(ENTRIES SUPPLIED):
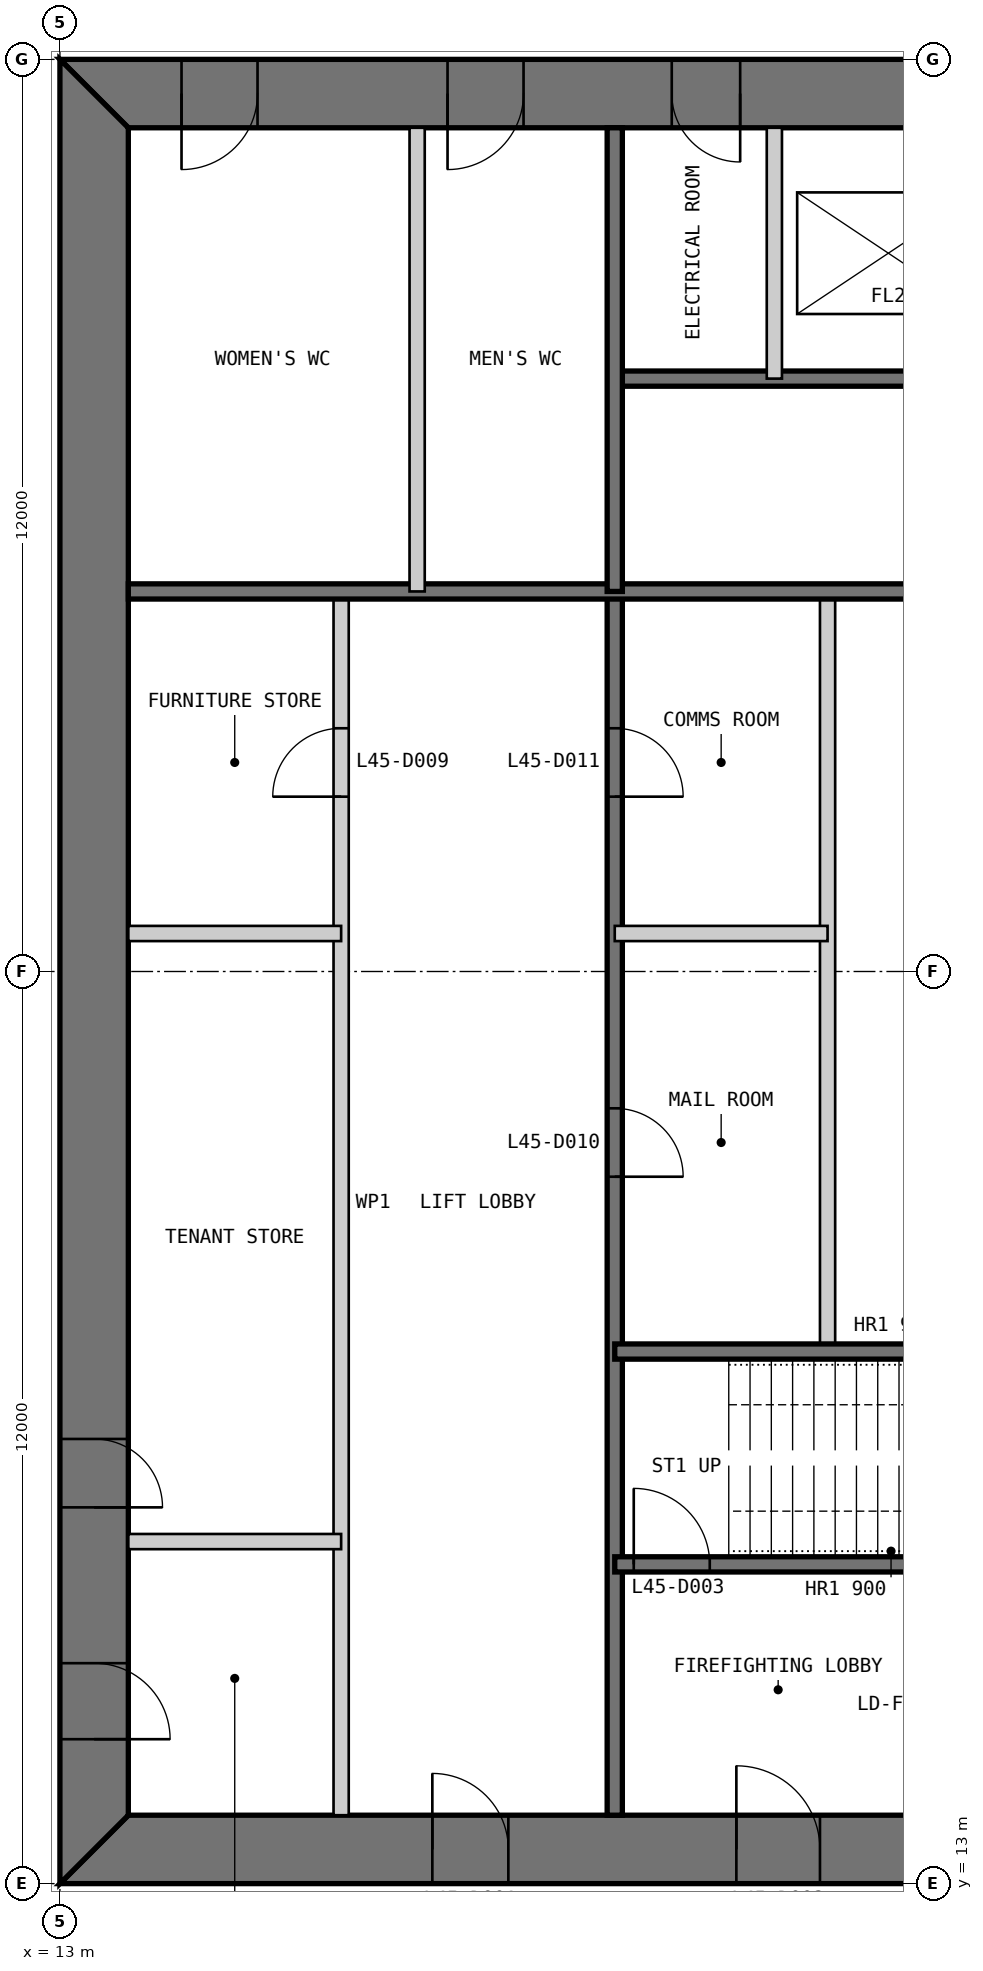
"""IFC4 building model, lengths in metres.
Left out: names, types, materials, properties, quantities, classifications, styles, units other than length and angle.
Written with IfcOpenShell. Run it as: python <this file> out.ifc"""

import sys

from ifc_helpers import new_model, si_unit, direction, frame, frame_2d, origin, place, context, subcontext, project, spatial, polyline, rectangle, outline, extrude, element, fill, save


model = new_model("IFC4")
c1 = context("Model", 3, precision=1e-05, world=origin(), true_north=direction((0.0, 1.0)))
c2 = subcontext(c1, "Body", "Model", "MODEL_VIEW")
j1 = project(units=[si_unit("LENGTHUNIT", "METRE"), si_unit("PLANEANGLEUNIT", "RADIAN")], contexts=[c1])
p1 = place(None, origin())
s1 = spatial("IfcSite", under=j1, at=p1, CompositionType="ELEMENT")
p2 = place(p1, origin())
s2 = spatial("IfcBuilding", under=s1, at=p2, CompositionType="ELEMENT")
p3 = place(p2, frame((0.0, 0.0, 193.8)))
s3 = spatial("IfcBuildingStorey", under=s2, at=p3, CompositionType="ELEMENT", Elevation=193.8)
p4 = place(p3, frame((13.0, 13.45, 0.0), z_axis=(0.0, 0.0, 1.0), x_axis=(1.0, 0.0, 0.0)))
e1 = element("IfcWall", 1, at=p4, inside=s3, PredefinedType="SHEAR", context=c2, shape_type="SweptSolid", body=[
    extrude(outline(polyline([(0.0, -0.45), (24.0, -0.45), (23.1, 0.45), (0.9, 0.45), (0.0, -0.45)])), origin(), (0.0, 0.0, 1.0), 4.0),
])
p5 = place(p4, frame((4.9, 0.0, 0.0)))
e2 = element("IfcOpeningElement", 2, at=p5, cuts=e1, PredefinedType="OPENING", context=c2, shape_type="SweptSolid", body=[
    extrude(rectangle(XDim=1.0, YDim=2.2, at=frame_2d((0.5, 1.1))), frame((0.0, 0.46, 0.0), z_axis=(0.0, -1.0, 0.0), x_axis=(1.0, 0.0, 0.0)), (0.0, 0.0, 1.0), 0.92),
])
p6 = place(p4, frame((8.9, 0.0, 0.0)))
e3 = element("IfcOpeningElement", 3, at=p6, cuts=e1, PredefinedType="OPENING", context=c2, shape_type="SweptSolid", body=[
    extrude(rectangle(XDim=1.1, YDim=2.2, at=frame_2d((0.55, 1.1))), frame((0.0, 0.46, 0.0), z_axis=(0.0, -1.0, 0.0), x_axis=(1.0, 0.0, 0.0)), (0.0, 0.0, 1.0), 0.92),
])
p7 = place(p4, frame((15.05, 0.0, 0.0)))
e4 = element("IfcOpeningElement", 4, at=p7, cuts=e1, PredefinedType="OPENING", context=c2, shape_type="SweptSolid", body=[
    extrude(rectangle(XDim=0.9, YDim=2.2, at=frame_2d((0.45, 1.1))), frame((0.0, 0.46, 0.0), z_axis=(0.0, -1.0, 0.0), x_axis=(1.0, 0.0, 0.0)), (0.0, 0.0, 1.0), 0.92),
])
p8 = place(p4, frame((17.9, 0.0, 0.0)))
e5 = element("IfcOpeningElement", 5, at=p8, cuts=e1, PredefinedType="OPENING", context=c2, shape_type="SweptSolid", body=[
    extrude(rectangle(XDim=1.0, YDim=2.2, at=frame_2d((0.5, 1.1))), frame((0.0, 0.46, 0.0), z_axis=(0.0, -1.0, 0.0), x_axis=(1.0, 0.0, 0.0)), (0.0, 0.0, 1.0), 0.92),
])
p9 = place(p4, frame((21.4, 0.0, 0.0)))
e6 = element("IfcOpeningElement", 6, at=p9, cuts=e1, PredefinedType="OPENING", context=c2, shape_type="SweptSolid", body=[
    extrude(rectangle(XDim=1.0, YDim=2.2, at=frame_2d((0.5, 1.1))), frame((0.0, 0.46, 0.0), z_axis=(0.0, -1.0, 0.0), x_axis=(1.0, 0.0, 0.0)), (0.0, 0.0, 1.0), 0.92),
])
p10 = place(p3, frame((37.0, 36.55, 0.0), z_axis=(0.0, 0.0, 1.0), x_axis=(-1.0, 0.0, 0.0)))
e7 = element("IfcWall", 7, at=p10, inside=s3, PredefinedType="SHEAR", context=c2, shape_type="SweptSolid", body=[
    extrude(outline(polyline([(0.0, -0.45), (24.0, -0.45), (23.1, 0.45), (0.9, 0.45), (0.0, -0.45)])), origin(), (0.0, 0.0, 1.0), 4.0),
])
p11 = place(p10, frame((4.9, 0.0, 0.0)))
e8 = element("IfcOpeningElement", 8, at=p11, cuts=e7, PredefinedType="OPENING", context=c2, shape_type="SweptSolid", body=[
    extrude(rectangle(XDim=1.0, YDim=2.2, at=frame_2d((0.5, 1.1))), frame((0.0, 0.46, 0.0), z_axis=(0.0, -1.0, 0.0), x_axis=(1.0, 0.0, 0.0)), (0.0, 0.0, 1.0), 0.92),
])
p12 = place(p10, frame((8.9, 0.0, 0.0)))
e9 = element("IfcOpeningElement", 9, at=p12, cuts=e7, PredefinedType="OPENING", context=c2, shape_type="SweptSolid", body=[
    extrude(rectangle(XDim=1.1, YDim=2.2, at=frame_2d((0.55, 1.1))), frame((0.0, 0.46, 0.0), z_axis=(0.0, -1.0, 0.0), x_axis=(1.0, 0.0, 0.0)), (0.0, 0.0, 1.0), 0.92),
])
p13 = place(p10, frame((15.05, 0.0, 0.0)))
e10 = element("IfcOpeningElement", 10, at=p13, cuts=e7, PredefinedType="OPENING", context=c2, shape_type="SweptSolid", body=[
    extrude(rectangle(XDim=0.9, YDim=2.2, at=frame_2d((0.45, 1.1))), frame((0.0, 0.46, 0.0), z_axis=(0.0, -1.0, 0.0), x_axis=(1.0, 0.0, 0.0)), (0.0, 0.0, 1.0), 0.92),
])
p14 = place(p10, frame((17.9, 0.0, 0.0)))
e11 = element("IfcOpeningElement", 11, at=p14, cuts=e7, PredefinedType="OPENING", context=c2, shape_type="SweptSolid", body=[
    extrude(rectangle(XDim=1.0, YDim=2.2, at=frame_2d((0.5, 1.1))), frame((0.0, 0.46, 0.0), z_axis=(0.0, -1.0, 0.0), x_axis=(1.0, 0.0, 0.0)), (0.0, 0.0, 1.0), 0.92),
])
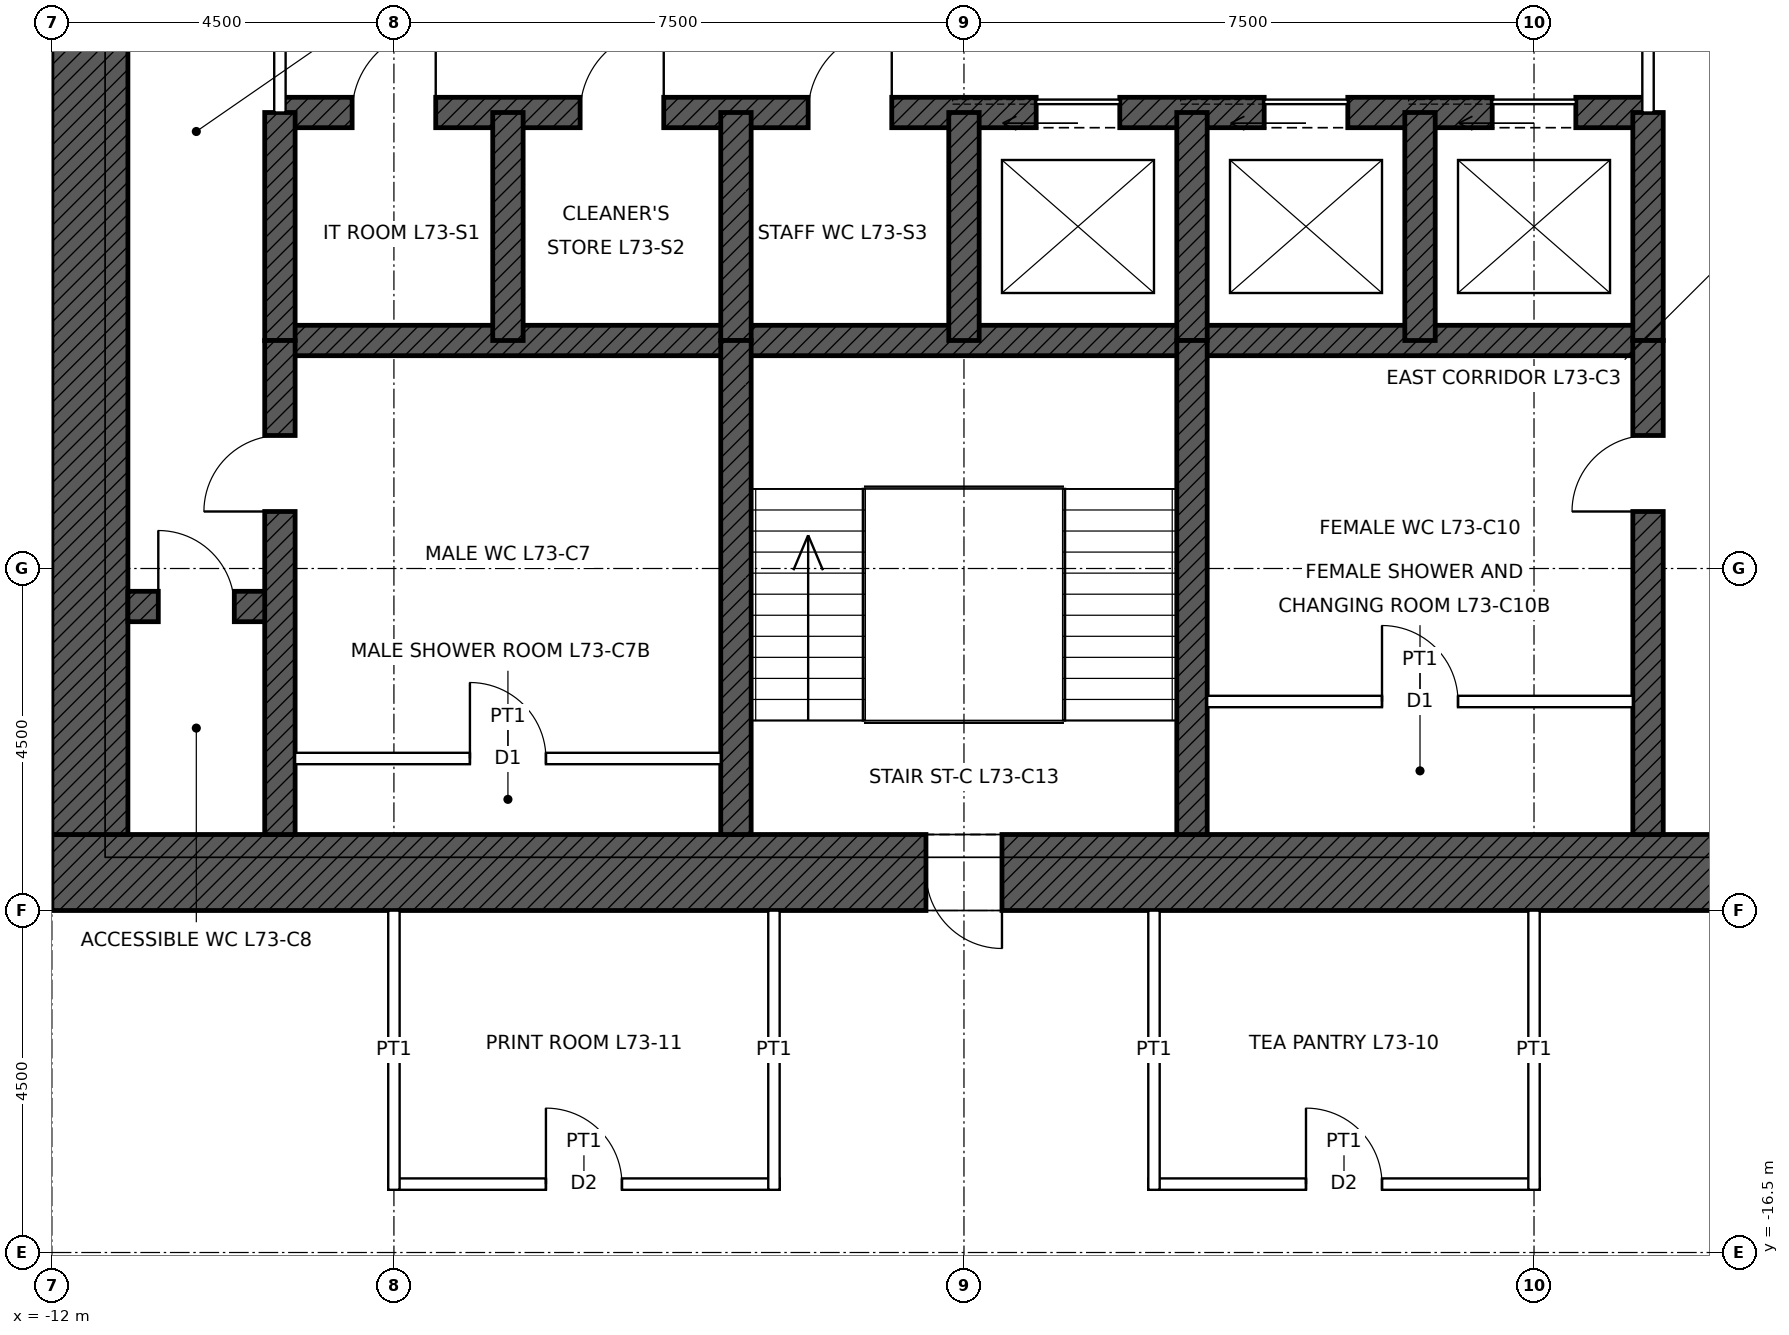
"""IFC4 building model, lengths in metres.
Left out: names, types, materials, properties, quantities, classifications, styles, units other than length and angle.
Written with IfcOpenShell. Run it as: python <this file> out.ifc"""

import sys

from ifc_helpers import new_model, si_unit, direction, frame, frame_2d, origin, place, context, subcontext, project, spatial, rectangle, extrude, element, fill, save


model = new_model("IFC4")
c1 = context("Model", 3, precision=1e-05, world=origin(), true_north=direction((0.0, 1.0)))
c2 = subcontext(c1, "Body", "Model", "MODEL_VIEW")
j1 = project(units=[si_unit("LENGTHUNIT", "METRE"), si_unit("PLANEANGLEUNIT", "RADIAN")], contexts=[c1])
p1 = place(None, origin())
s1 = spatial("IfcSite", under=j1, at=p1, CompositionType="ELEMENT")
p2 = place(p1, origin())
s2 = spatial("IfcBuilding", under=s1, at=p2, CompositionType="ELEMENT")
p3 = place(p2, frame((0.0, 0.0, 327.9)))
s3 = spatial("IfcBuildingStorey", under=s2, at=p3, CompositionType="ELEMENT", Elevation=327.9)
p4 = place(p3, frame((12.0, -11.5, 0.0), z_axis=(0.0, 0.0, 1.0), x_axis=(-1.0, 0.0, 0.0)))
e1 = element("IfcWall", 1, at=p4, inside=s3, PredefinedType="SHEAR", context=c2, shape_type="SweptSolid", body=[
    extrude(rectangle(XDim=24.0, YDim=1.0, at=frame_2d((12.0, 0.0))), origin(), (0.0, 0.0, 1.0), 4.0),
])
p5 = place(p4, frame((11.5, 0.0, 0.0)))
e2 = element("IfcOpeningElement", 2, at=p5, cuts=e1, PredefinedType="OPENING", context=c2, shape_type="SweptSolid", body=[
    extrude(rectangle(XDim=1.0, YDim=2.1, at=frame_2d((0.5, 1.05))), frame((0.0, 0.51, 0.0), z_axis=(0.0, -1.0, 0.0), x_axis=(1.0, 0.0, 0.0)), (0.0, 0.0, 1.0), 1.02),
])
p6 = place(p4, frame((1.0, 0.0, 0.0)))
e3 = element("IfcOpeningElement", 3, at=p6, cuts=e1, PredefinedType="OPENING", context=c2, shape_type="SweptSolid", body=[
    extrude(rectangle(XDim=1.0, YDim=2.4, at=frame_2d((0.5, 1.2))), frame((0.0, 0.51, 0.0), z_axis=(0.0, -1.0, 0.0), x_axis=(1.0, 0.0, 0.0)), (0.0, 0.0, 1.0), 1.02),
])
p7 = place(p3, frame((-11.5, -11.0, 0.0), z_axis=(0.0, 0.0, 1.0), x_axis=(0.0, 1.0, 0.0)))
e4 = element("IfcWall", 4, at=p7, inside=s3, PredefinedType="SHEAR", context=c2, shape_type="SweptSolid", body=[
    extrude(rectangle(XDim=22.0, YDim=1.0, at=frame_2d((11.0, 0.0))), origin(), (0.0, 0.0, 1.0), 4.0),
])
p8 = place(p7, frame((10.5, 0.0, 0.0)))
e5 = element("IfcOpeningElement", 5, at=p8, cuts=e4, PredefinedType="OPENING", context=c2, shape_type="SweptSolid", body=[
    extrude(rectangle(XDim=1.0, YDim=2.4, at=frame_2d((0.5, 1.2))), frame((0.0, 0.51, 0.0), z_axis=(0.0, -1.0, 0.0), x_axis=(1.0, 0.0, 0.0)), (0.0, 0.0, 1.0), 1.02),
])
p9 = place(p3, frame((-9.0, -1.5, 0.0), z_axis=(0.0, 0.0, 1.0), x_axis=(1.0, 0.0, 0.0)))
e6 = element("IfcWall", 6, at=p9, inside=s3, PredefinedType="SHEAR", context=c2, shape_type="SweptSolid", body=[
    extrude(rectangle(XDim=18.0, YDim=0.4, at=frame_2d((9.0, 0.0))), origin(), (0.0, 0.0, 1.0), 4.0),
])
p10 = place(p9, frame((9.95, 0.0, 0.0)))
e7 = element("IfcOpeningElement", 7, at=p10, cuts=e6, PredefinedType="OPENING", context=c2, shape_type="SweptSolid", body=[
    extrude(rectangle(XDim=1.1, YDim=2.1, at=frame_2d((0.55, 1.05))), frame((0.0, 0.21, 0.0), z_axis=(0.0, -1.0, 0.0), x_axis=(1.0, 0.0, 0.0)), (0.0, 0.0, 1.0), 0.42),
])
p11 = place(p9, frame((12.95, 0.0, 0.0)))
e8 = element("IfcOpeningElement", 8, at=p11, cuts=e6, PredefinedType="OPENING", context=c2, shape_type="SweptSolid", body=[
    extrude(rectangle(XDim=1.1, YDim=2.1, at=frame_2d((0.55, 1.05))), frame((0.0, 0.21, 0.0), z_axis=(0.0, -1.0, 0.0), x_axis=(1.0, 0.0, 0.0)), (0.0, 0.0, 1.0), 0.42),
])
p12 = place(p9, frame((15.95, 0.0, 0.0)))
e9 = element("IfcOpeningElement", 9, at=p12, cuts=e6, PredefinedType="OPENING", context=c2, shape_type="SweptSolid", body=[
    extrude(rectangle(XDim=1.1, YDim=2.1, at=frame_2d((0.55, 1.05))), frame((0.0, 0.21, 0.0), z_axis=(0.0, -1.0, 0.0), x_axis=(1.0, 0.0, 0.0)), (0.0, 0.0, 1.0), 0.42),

(TASK TO COMPLETE): Using the material above, gather every line that includes "save".

(WRITTEN SOLUTION):
from ifc_helpers import new_model, si_unit, direction, frame, frame_2d, origin, place, context, subcontext, project, spatial, polyline, rectangle, outline, extrude, element, fill, save
from ifc_helpers import new_model, si_unit, direction, frame, frame_2d, origin, place, context, subcontext, project, spatial, rectangle, extrude, element, fill, save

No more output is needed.